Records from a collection
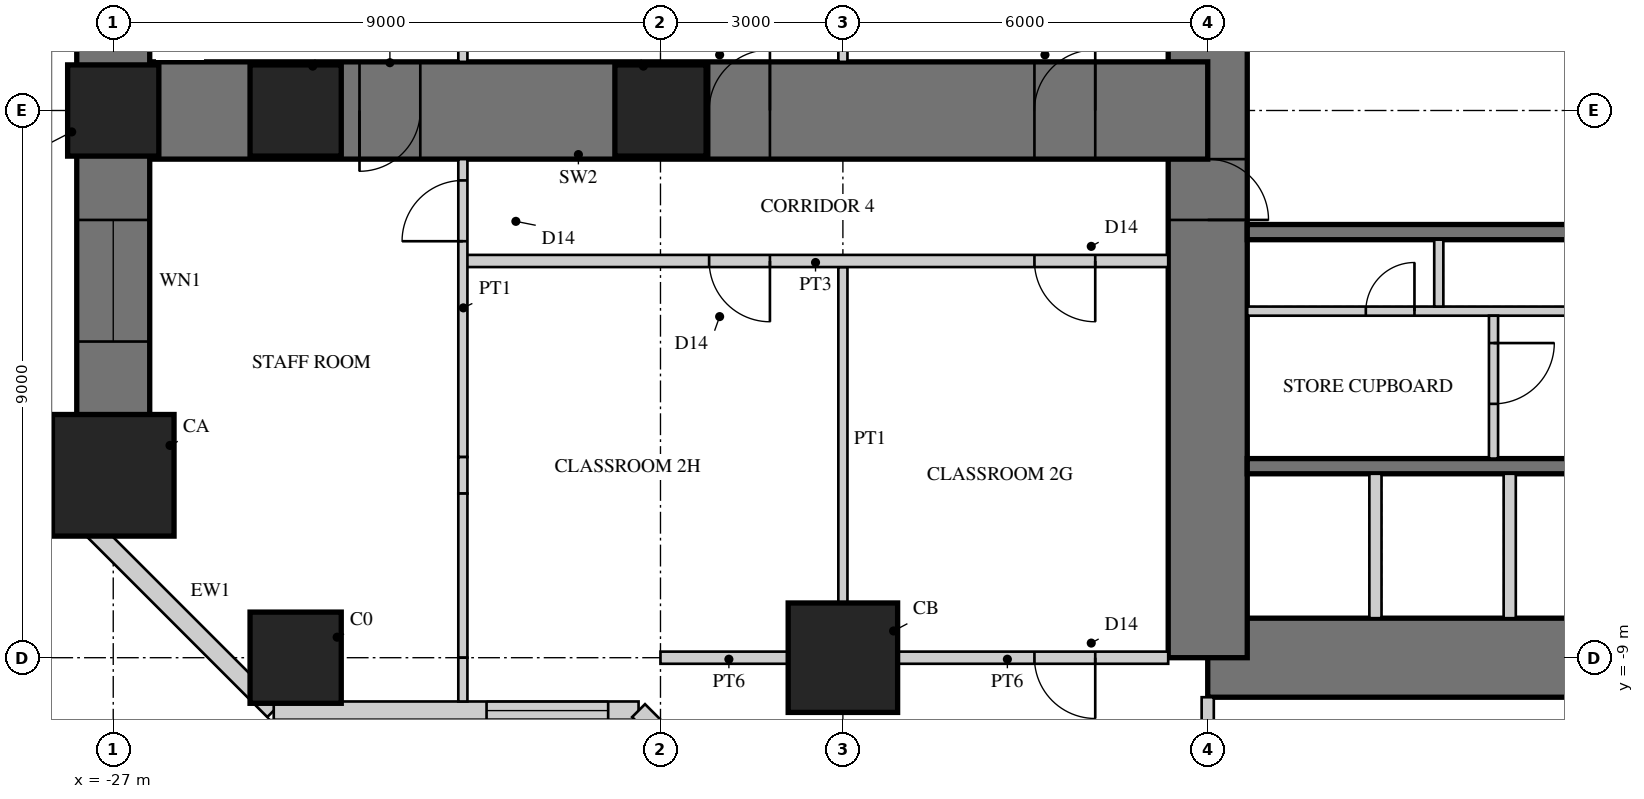
"""IFC4 building model, lengths in metres.
Left out: names, types, materials, properties, quantities, classifications, styles, units other than length and angle.
Written with IfcOpenShell. Run it as: python <this file> out.ifc"""

import sys

from ifc_helpers import new_model, si_unit, direction, frame, frame_2d, origin, origin_2d, place, context, subcontext, project, spatial, rectangle, hollow_rectangle, extrude, element, fill, save


model = new_model("IFC4")
c1 = context("Model", 3, precision=1e-05, world=origin(), true_north=direction((0.0, 1.0)))
c2 = subcontext(c1, "Body", "Model", "MODEL_VIEW")
j1 = project(units=[si_unit("LENGTHUNIT", "METRE"), si_unit("PLANEANGLEUNIT", "RADIAN")], contexts=[c1])
p1 = place(None, origin())
s1 = spatial("IfcSite", under=j1, at=p1, CompositionType="ELEMENT")
p2 = place(p1, origin())
s2 = spatial("IfcBuilding", under=s1, at=p2, CompositionType="ELEMENT")
p3 = place(p2, frame((0.0, 0.0, 9.5)))
s3 = spatial("IfcBuildingStorey", under=s2, at=p3, CompositionType="ELEMENT", Elevation=9.5)
p4 = place(p3, frame((-9.0, -9.0, 0.0), z_axis=(0.0, 0.0, 1.0), x_axis=(1.0, 0.0, 0.0)))
e1 = element("IfcWall", 1, at=p4, inside=s3, PredefinedType="SHEAR", context=c2, shape_type="SweptSolid", body=[
    extrude(rectangle(XDim=18.0, YDim=1.3, at=frame_2d((9.0, 0.0))), origin(), (0.0, 0.0, 1.0), 4.5),
])
p5 = place(p4, frame((9.8, 0.0, 0.0)))
e2 = element("IfcOpeningElement", 2, at=p5, cuts=e1, PredefinedType="OPENING", context=c2, shape_type="SweptSolid", body=[
    extrude(rectangle(XDim=1.0, YDim=2.4, at=frame_2d((0.5, 1.2))), frame((0.0, 0.66, 0.0), z_axis=(0.0, -1.0, 0.0), x_axis=(1.0, 0.0, 0.0)), (0.0, 0.0, 1.0), 1.32),
])
p6 = place(p3, frame((-9.0, 9.0, 0.0), z_axis=(0.0, 0.0, 1.0), x_axis=(0.0, -1.0, 0.0)))
e3 = element("IfcWall", 3, at=p6, inside=s3, PredefinedType="SHEAR", context=c2, shape_type="SweptSolid", body=[
    extrude(rectangle(XDim=18.0, YDim=1.3, at=frame_2d((9.0, 0.0))), origin(), (0.0, 0.0, 1.0), 4.5),
])
p7 = place(p6, frame((9.8, 0.0, 0.0)))
e4 = element("IfcOpeningElement", 4, at=p7, cuts=e3, PredefinedType="OPENING", context=c2, shape_type="SweptSolid", body=[
    extrude(rectangle(XDim=1.0, YDim=2.4, at=frame_2d((0.5, 1.2))), frame((0.0, 0.66, 0.0), z_axis=(0.0, -1.0, 0.0), x_axis=(1.0, 0.0, 0.0)), (0.0, 0.0, 1.0), 1.32),
])
for number, where, z_axis, x_axis in (
    (5, (-1.925, -2.0, 0.0), (0.0, 0.0, 1.0), (-1.0, 0.0, 0.0)),
    (6, (-1.925, -5.85, 0.0), (0.0, 0.0, 1.0), (-1.0, 0.0, 0.0)),
):
    element("IfcWall", number, at=place(p3, frame(where, z_axis=z_axis, x_axis=x_axis)), inside=s3, PredefinedType="SHEAR", context=c2, shape_type="SweptSolid", body=[
        extrude(rectangle(XDim=6.425, YDim=0.25, at=frame_2d((3.212, 0.0))), origin(), (0.0, 0.0, 1.0), 4.5),
    ])
p8 = place(p3, frame((-1.925, -3.3, 0.0), z_axis=(0.0, 0.0, 1.0), x_axis=(-1.0, 0.0, 0.0)))
e7 = element("IfcWall", 7, at=p8, inside=s3, PredefinedType="PARTITIONING", context=c2, shape_type="SweptSolid", body=[
    extrude(rectangle(XDim=6.425, YDim=0.15, at=frame_2d((3.212, 0.0))), origin(), (0.0, 0.0, 1.0), 4.5),
])
p9 = place(p8, frame((0.075, 0.0, 0.0)))
e8 = element("IfcOpeningElement", 8, at=p9, cuts=e7, PredefinedType="OPENING", context=c2, shape_type="SweptSolid", body=[
    extrude(rectangle(XDim=0.8, YDim=2.1, at=frame_2d((0.4, 1.05))), frame((0.0, 0.085, 0.0), z_axis=(0.0, -1.0, 0.0), x_axis=(1.0, 0.0, 0.0)), (0.0, 0.0, 1.0), 0.17),
])
p10 = place(p8, frame((3.675, 0.0, 0.0)))
e9 = element("IfcOpeningElement", 9, at=p10, cuts=e7, PredefinedType="OPENING", context=c2, shape_type="SweptSolid", body=[
    extrude(rectangle(XDim=0.8, YDim=2.1, at=frame_2d((0.4, 1.05))), frame((0.0, 0.085, 0.0), z_axis=(0.0, -1.0, 0.0), x_axis=(1.0, 0.0, 0.0)), (0.0, 0.0, 1.0), 0.17),
])
p11 = place(p3, frame((-5.2, -2.125, 0.0), z_axis=(0.0, 0.0, 1.0), x_axis=(0.0, -1.0, 0.0)))
e10 = element("IfcWall", 10, at=p11, inside=s3, PredefinedType="PARTITIONING", context=c2, shape_type="SweptSolid", body=[
    extrude(rectangle(XDim=1.1, YDim=0.15, at=frame_2d((0.55, 0.0))), origin(), (0.0, 0.0, 1.0), 4.5),
])
for number, where, z_axis, x_axis in (
    (11, (-4.033, -5.975, 0.0), (0.0, 0.0, 1.0), (0.0, -1.0, 0.0)),
    (12, (-6.242, -5.975, 0.0), (0.0, 0.0, 1.0), (0.0, -1.0, 0.0)),
):
    element("IfcWall", number, at=place(p3, frame(where, z_axis=z_axis, x_axis=x_axis)), inside=s3, PredefinedType="PARTITIONING", context=c2, shape_type="SweptSolid", body=[
        extrude(rectangle(XDim=2.375, YDim=0.2, at=frame_2d((1.188, 0.0))), origin(), (0.0, 0.0, 1.0), 4.5),
    ])
p12 = place(p3, frame((-9.0, 0.0, 0.0), z_axis=(0.0, 0.0, 1.0), x_axis=(-1.0, 0.0, 0.0)))
e13 = element("IfcWall", 13, at=p12, inside=s3, PredefinedType="SHEAR", context=c2, shape_type="SweptSolid", body=[
    extrude(rectangle(XDim=18.0, YDim=1.6, at=frame_2d((9.0, 0.0))), origin(), (0.0, 0.0, 1.0), 4.5),
])
p13 = place(p12, frame((1.85, 0.0, 0.0)))
e14 = element("IfcOpeningElement", 14, at=p13, cuts=e13, PredefinedType="OPENING", context=c2, shape_type="SweptSolid", body=[
    extrude(rectangle(XDim=1.0, YDim=2.2, at=frame_2d((0.5, 1.1))), frame((0.0, 0.81, 0.0), z_axis=(0.0, -1.0, 0.0), x_axis=(1.0, 0.0, 0.0)), (0.0, 0.0, 1.0), 1.62),
])
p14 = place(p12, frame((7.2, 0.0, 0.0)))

Your assignment> Would you write each entry out again exactly, omitting the images?

Response>
"""IFC4 building model, lengths in metres.
Left out: names, types, materials, properties, quantities, classifications, styles, units other than length and angle.
Written with IfcOpenShell. Run it as: python <this file> out.ifc"""

import sys

from ifc_helpers import new_model, si_unit, direction, frame, frame_2d, origin, origin_2d, place, context, subcontext, project, spatial, rectangle, hollow_rectangle, extrude, element, fill, save


model = new_model("IFC4")
c1 = context("Model", 3, precision=1e-05, world=origin(), true_north=direction((0.0, 1.0)))
c2 = subcontext(c1, "Body", "Model", "MODEL_VIEW")
j1 = project(units=[si_unit("LENGTHUNIT", "METRE"), si_unit("PLANEANGLEUNIT", "RADIAN")], contexts=[c1])
p1 = place(None, origin())
s1 = spatial("IfcSite", under=j1, at=p1, CompositionType="ELEMENT")
p2 = place(p1, origin())
s2 = spatial("IfcBuilding", under=s1, at=p2, CompositionType="ELEMENT")
p3 = place(p2, frame((0.0, 0.0, 9.5)))
s3 = spatial("IfcBuildingStorey", under=s2, at=p3, CompositionType="ELEMENT", Elevation=9.5)
p4 = place(p3, frame((-9.0, -9.0, 0.0), z_axis=(0.0, 0.0, 1.0), x_axis=(1.0, 0.0, 0.0)))
e1 = element("IfcWall", 1, at=p4, inside=s3, PredefinedType="SHEAR", context=c2, shape_type="SweptSolid", body=[
    extrude(rectangle(XDim=18.0, YDim=1.3, at=frame_2d((9.0, 0.0))), origin(), (0.0, 0.0, 1.0), 4.5),
])
p5 = place(p4, frame((9.8, 0.0, 0.0)))
e2 = element("IfcOpeningElement", 2, at=p5, cuts=e1, PredefinedType="OPENING", context=c2, shape_type="SweptSolid", body=[
    extrude(rectangle(XDim=1.0, YDim=2.4, at=frame_2d((0.5, 1.2))), frame((0.0, 0.66, 0.0), z_axis=(0.0, -1.0, 0.0), x_axis=(1.0, 0.0, 0.0)), (0.0, 0.0, 1.0), 1.32),
])
p6 = place(p3, frame((-9.0, 9.0, 0.0), z_axis=(0.0, 0.0, 1.0), x_axis=(0.0, -1.0, 0.0)))
e3 = element("IfcWall", 3, at=p6, inside=s3, PredefinedType="SHEAR", context=c2, shape_type="SweptSolid", body=[
    extrude(rectangle(XDim=18.0, YDim=1.3, at=frame_2d((9.0, 0.0))), origin(), (0.0, 0.0, 1.0), 4.5),
])
p7 = place(p6, frame((9.8, 0.0, 0.0)))
e4 = element("IfcOpeningElement", 4, at=p7, cuts=e3, PredefinedType="OPENING", context=c2, shape_type="SweptSolid", body=[
    extrude(rectangle(XDim=1.0, YDim=2.4, at=frame_2d((0.5, 1.2))), frame((0.0, 0.66, 0.0), z_axis=(0.0, -1.0, 0.0), x_axis=(1.0, 0.0, 0.0)), (0.0, 0.0, 1.0), 1.32),
])
for number, where, z_axis, x_axis in (
    (5, (-1.925, -2.0, 0.0), (0.0, 0.0, 1.0), (-1.0, 0.0, 0.0)),
    (6, (-1.925, -5.85, 0.0), (0.0, 0.0, 1.0), (-1.0, 0.0, 0.0)),
):
    element("IfcWall", number, at=place(p3, frame(where, z_axis=z_axis, x_axis=x_axis)), inside=s3, PredefinedType="SHEAR", context=c2, shape_type="SweptSolid", body=[
        extrude(rectangle(XDim=6.425, YDim=0.25, at=frame_2d((3.212, 0.0))), origin(), (0.0, 0.0, 1.0), 4.5),
    ])
p8 = place(p3, frame((-1.925, -3.3, 0.0), z_axis=(0.0, 0.0, 1.0), x_axis=(-1.0, 0.0, 0.0)))
e7 = element("IfcWall", 7, at=p8, inside=s3, PredefinedType="PARTITIONING", context=c2, shape_type="SweptSolid", body=[
    extrude(rectangle(XDim=6.425, YDim=0.15, at=frame_2d((3.212, 0.0))), origin(), (0.0, 0.0, 1.0), 4.5),
])
p9 = place(p8, frame((0.075, 0.0, 0.0)))
e8 = element("IfcOpeningElement", 8, at=p9, cuts=e7, PredefinedType="OPENING", context=c2, shape_type="SweptSolid", body=[
    extrude(rectangle(XDim=0.8, YDim=2.1, at=frame_2d((0.4, 1.05))), frame((0.0, 0.085, 0.0), z_axis=(0.0, -1.0, 0.0), x_axis=(1.0, 0.0, 0.0)), (0.0, 0.0, 1.0), 0.17),
])
p10 = place(p8, frame((3.675, 0.0, 0.0)))
e9 = element("IfcOpeningElement", 9, at=p10, cuts=e7, PredefinedType="OPENING", context=c2, shape_type="SweptSolid", body=[
    extrude(rectangle(XDim=0.8, YDim=2.1, at=frame_2d((0.4, 1.05))), frame((0.0, 0.085, 0.0), z_axis=(0.0, -1.0, 0.0), x_axis=(1.0, 0.0, 0.0)), (0.0, 0.0, 1.0), 0.17),
])
p11 = place(p3, frame((-5.2, -2.125, 0.0), z_axis=(0.0, 0.0, 1.0), x_axis=(0.0, -1.0, 0.0)))
e10 = element("IfcWall", 10, at=p11, inside=s3, PredefinedType="PARTITIONING", context=c2, shape_type="SweptSolid", body=[
    extrude(rectangle(XDim=1.1, YDim=0.15, at=frame_2d((0.55, 0.0))), origin(), (0.0, 0.0, 1.0), 4.5),
])
for number, where, z_axis, x_axis in (
    (11, (-4.033, -5.975, 0.0), (0.0, 0.0, 1.0), (0.0, -1.0, 0.0)),
    (12, (-6.242, -5.975, 0.0), (0.0, 0.0, 1.0), (0.0, -1.0, 0.0)),
):
    element("IfcWall", number, at=place(p3, frame(where, z_axis=z_axis, x_axis=x_axis)), inside=s3, PredefinedType="PARTITIONING", context=c2, shape_type="SweptSolid", body=[
        extrude(rectangle(XDim=2.375, YDim=0.2, at=frame_2d((1.188, 0.0))), origin(), (0.0, 0.0, 1.0), 4.5),
    ])
p12 = place(p3, frame((-9.0, 0.0, 0.0), z_axis=(0.0, 0.0, 1.0), x_axis=(-1.0, 0.0, 0.0)))
e13 = element("IfcWall", 13, at=p12, inside=s3, PredefinedType="SHEAR", context=c2, shape_type="SweptSolid", body=[
    extrude(rectangle(XDim=18.0, YDim=1.6, at=frame_2d((9.0, 0.0))), origin(), (0.0, 0.0, 1.0), 4.5),
])
p13 = place(p12, frame((1.85, 0.0, 0.0)))
e14 = element("IfcOpeningElement", 14, at=p13, cuts=e13, PredefinedType="OPENING", context=c2, shape_type="SweptSolid", body=[
    extrude(rectangle(XDim=1.0, YDim=2.2, at=frame_2d((0.5, 1.1))), frame((0.0, 0.81, 0.0), z_axis=(0.0, -1.0, 0.0), x_axis=(1.0, 0.0, 0.0)), (0.0, 0.0, 1.0), 1.62),
])
p14 = place(p12, frame((7.2, 0.0, 0.0)))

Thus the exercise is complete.